→ **What needs to be done**: Tell me how many lines in the entries below contain the word "part"; reply with the number and nothing else.

[Data records Boundary: Start]

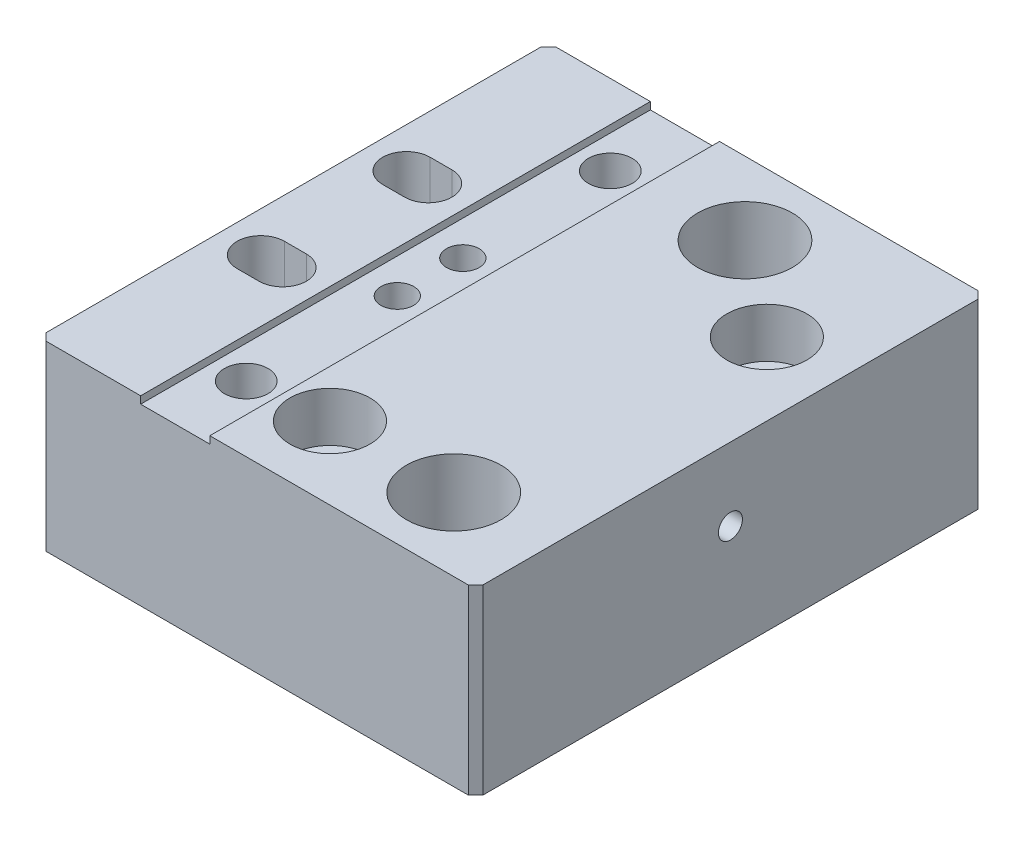
from build123d import *

# Parameters (mm, degrees)
SKETCH1_W                                            = 60
SKETCH1_H                                            = 25
BOSS_EXTRUDE1_DEPTH                                  = 35
SKETCH2_R                                            = 6.5
CUT_EXTRUDE1_DEPTH                                   = 53.440442409
SKETCH3_R                                            = 9
CUT_EXTRUDE2_DEPTH                                   = 10
SKETCH6_W                                            = 9.5
SKETCH6_H                                            = 70
CUT_EXTRUDE3_DEPTH                                   = 1
M4_TAPPED_HOLE1_D                                    = 3.3
M4_TAPPED_HOLE1_DEPTH                                = 12
M4_TAPPED_HOLE1_TIP                                  = 0.991420021
CUT_EXTRUDE4_DEPTH                                   = 7
M5_TAPPED_HOLE1_D                                    = 4.2
M5_TAPPED_HOLE1_DEPTH                                = 14
M5_TAPPED_HOLE1_TIP                                  = 1.2618073
HOLE_SIZE_PER_SOCKET_HEAD_CAP_SCREW_TYPE_D           = 4.5
HOLE_SIZE_PER_SOCKET_HEAD_CAP_SCREW_TYPE_CBORE_D     = 8
HOLE_SIZE_PER_SOCKET_HEAD_CAP_SCREW_TYPE_CBORE_DEPTH = 4
F_6_0_6_DIAMETER_HOLE2_D                             = 6
HOLE_SIZE_PER_SOCKET_HEAD_CAP_SCREW_2_D              = 6.6
HOLE_SIZE_PER_SOCKET_HEAD_CAP_SCREW_2_CBORE_D        = 11
HOLE_SIZE_PER_SOCKET_HEAD_CAP_SCREW_2_CBORE_DEPTH    = 6.8
M4_TAPPED_HOLE2_D                                    = 3.3
M4_TAPPED_HOLE2_DEPTH                                = 15
M4_TAPPED_HOLE2_TIP                                  = 0.991420021
CHAMFER1_SIZE                                        = 1


with BuildPart() as part:
    # Sketch1 → Boss-Extrude1 (new, symmetric)
    with BuildSketch(Plane.XY):
        with Locations((0, 12.5)):
            Rectangle(SKETCH1_W, SKETCH1_H)
    extrude(amount=BOSS_EXTRUDE1_DEPTH, both=True)

    # Sketch2 → Cut-Extrude1 (cut, through all)
    with BuildSketch(Plane(origin=(0, 25, 0), x_dir=(1, 0, 0), z_dir=(0, 1, 0))):
        with Locations(Location((7, 25, 0), (0, 0, 270))):
            Circle(SKETCH2_R)
        with Locations(Location((17, -25, 0), (0, 0, 270))):
            Circle(SKETCH2_R)
        with BuildLine():
            Line((-24.5, 13.25), (-21.5, 13.25))
            ThreePointArc((-21.5, 13.25), (-18.25, 10), (-21.5, 6.75))
            Line((-21.5, 6.75), (-24.5, 6.75))
            ThreePointArc((-24.5, 6.75), (-27.75, 10), (-24.5, 13.25))
        make_face()
        with BuildLine():
            Line((-24.5, -6.75), (-21.5, -6.75))
            ThreePointArc((-21.5, -6.75), (-18.25, -10), (-21.5, -13.25))
            Line((-21.5, -13.25), (-24.5, -13.25))
            ThreePointArc((-24.5, -13.25), (-27.75, -10), (-24.5, -6.75))
        make_face()
    extrude(amount=-CUT_EXTRUDE1_DEPTH, mode=Mode.SUBTRACT)

    # Sketch3 → Cut-Extrude2 (cut)
    with BuildSketch(Plane.XZ):
        with Locations(Location((17, 25, 0), (0, 0, 270))):
            Circle(SKETCH3_R)
        with Locations(Location((7, -25, 0), (0, 0, 270))):
            Circle(SKETCH3_R)
    extrude(amount=-CUT_EXTRUDE2_DEPTH, mode=Mode.SUBTRACT)

    # Sketch6 → Cut-Extrude3 (cut)
    with BuildSketch(Plane(origin=(0, 25, 0), x_dir=(-1, 0, 0), z_dir=(0, 1, 0))):
        with Locations((11.25, 0)):
            Rectangle(SKETCH6_W, SKETCH6_H)
    extrude(amount=-CUT_EXTRUDE3_DEPTH, mode=Mode.SUBTRACT)

    # M4 Tapped Hole1
    with Locations(Plane(origin=(0, 24, 0), x_dir=(-1, 0, 0), z_dir=(0, 1, 0))):
        with Locations((11.25, 4.5), (11.25, -4.5)):
            Hole(M4_TAPPED_HOLE1_D / 2, depth=M4_TAPPED_HOLE1_DEPTH)
            with Locations((0, 0, -(M4_TAPPED_HOLE1_DEPTH + M4_TAPPED_HOLE1_TIP / 2))):  # 118° drill point
                Cone(0, M4_TAPPED_HOLE1_D / 2, M4_TAPPED_HOLE1_TIP, mode=Mode.SUBTRACT)

    # Sketch10 → Cut-Extrude4 (cut)
    with BuildSketch(Plane.XZ):
        with BuildLine():
            Line((-21.5, -16), (-30, -16))
            ThreePointArc((-30, -16), (-36, -10), (-30, -4))
            Line((-30, -4), (-21.5, -4))
            ThreePointArc((-21.5, -4), (-15.5, -10), (-21.5, -16))
        make_face()
        with BuildLine():
            Line((-21.5, 4), (-30, 4))
            ThreePointArc((-30, 4), (-36, 10), (-30, 16))
            Line((-30, 16), (-21.5, 16))
            ThreePointArc((-21.5, 16), (-15.5, 10), (-21.5, 4))
        make_face()
    extrude(amount=-CUT_EXTRUDE4_DEPTH, mode=Mode.SUBTRACT)

    # M5 Tapped Hole1
    with Locations(Plane(origin=(0, 0, -35), x_dir=(-1, 0, 0), z_dir=(0, 0, -1))):
        with Locations((-22.5, 19), (-22.5, 6), (22.5, 19), (22.5, 6)):
            Hole(M5_TAPPED_HOLE1_D / 2, depth=M5_TAPPED_HOLE1_DEPTH)
            with Locations((0, 0, -(M5_TAPPED_HOLE1_DEPTH + M5_TAPPED_HOLE1_TIP / 2))):  # 118° drill point
                Cone(0, M5_TAPPED_HOLE1_D / 2, M5_TAPPED_HOLE1_TIP, mode=Mode.SUBTRACT)

    # Hole size per socket head cap screw type (through all)
    with Locations(Plane.XZ):
        with Locations((-11.25, -4.5), (-11.25, 4.5)):
            CounterBoreHole(HOLE_SIZE_PER_SOCKET_HEAD_CAP_SCREW_TYPE_D / 2, HOLE_SIZE_PER_SOCKET_HEAD_CAP_SCREW_TYPE_CBORE_D / 2, HOLE_SIZE_PER_SOCKET_HEAD_CAP_SCREW_TYPE_CBORE_DEPTH)

    # Ø6.0 (6) Diameter Hole2 (through all)
    with Locations(Plane(origin=(0, 0, 0), x_dir=(-1, 0, 0), z_dir=(0, -1, 0))):
        with Locations((11.5, -25), (11.5, 25)):
            Hole(F_6_0_6_DIAMETER_HOLE2_D / 2)

    # Hole size per socket head cap screw  2 (through all)
    with Locations(Plane(origin=(0, 25, 0), x_dir=(1, 0, 0), z_dir=(0, 1, 0))):
        with Locations((0, -25), (20, 15)):
            CounterBoreHole(HOLE_SIZE_PER_SOCKET_HEAD_CAP_SCREW_2_D / 2, HOLE_SIZE_PER_SOCKET_HEAD_CAP_SCREW_2_CBORE_D / 2, HOLE_SIZE_PER_SOCKET_HEAD_CAP_SCREW_2_CBORE_DEPTH)

    # M4 Tapped Hole2
    with Locations(Plane(origin=(30, 0, 0), x_dir=(0, 0, -1), z_dir=(1, 0, 0))):
        with Locations((0, 15)):
            Hole(M4_TAPPED_HOLE2_D / 2, depth=M4_TAPPED_HOLE2_DEPTH)
            with Locations((0, 0, -(M4_TAPPED_HOLE2_DEPTH + M4_TAPPED_HOLE2_TIP / 2))):  # 118° drill point
                Cone(0, M4_TAPPED_HOLE2_D / 2, M4_TAPPED_HOLE2_TIP, mode=Mode.SUBTRACT)

    # Chamfer1
    chamfer1_edges = [part.edges().sort_by_distance(p)[0] for p in [
        (30, 12.5, 35),
        (-30, 12.5, 35),
        (30, 12.5, -35),
        (-30, 12.5, -35),
    ]]
    chamfer(chamfer1_edges, length=CHAMFER1_SIZE)


solid = part.part

[Data records Boundary: End]

→ **Response**: 3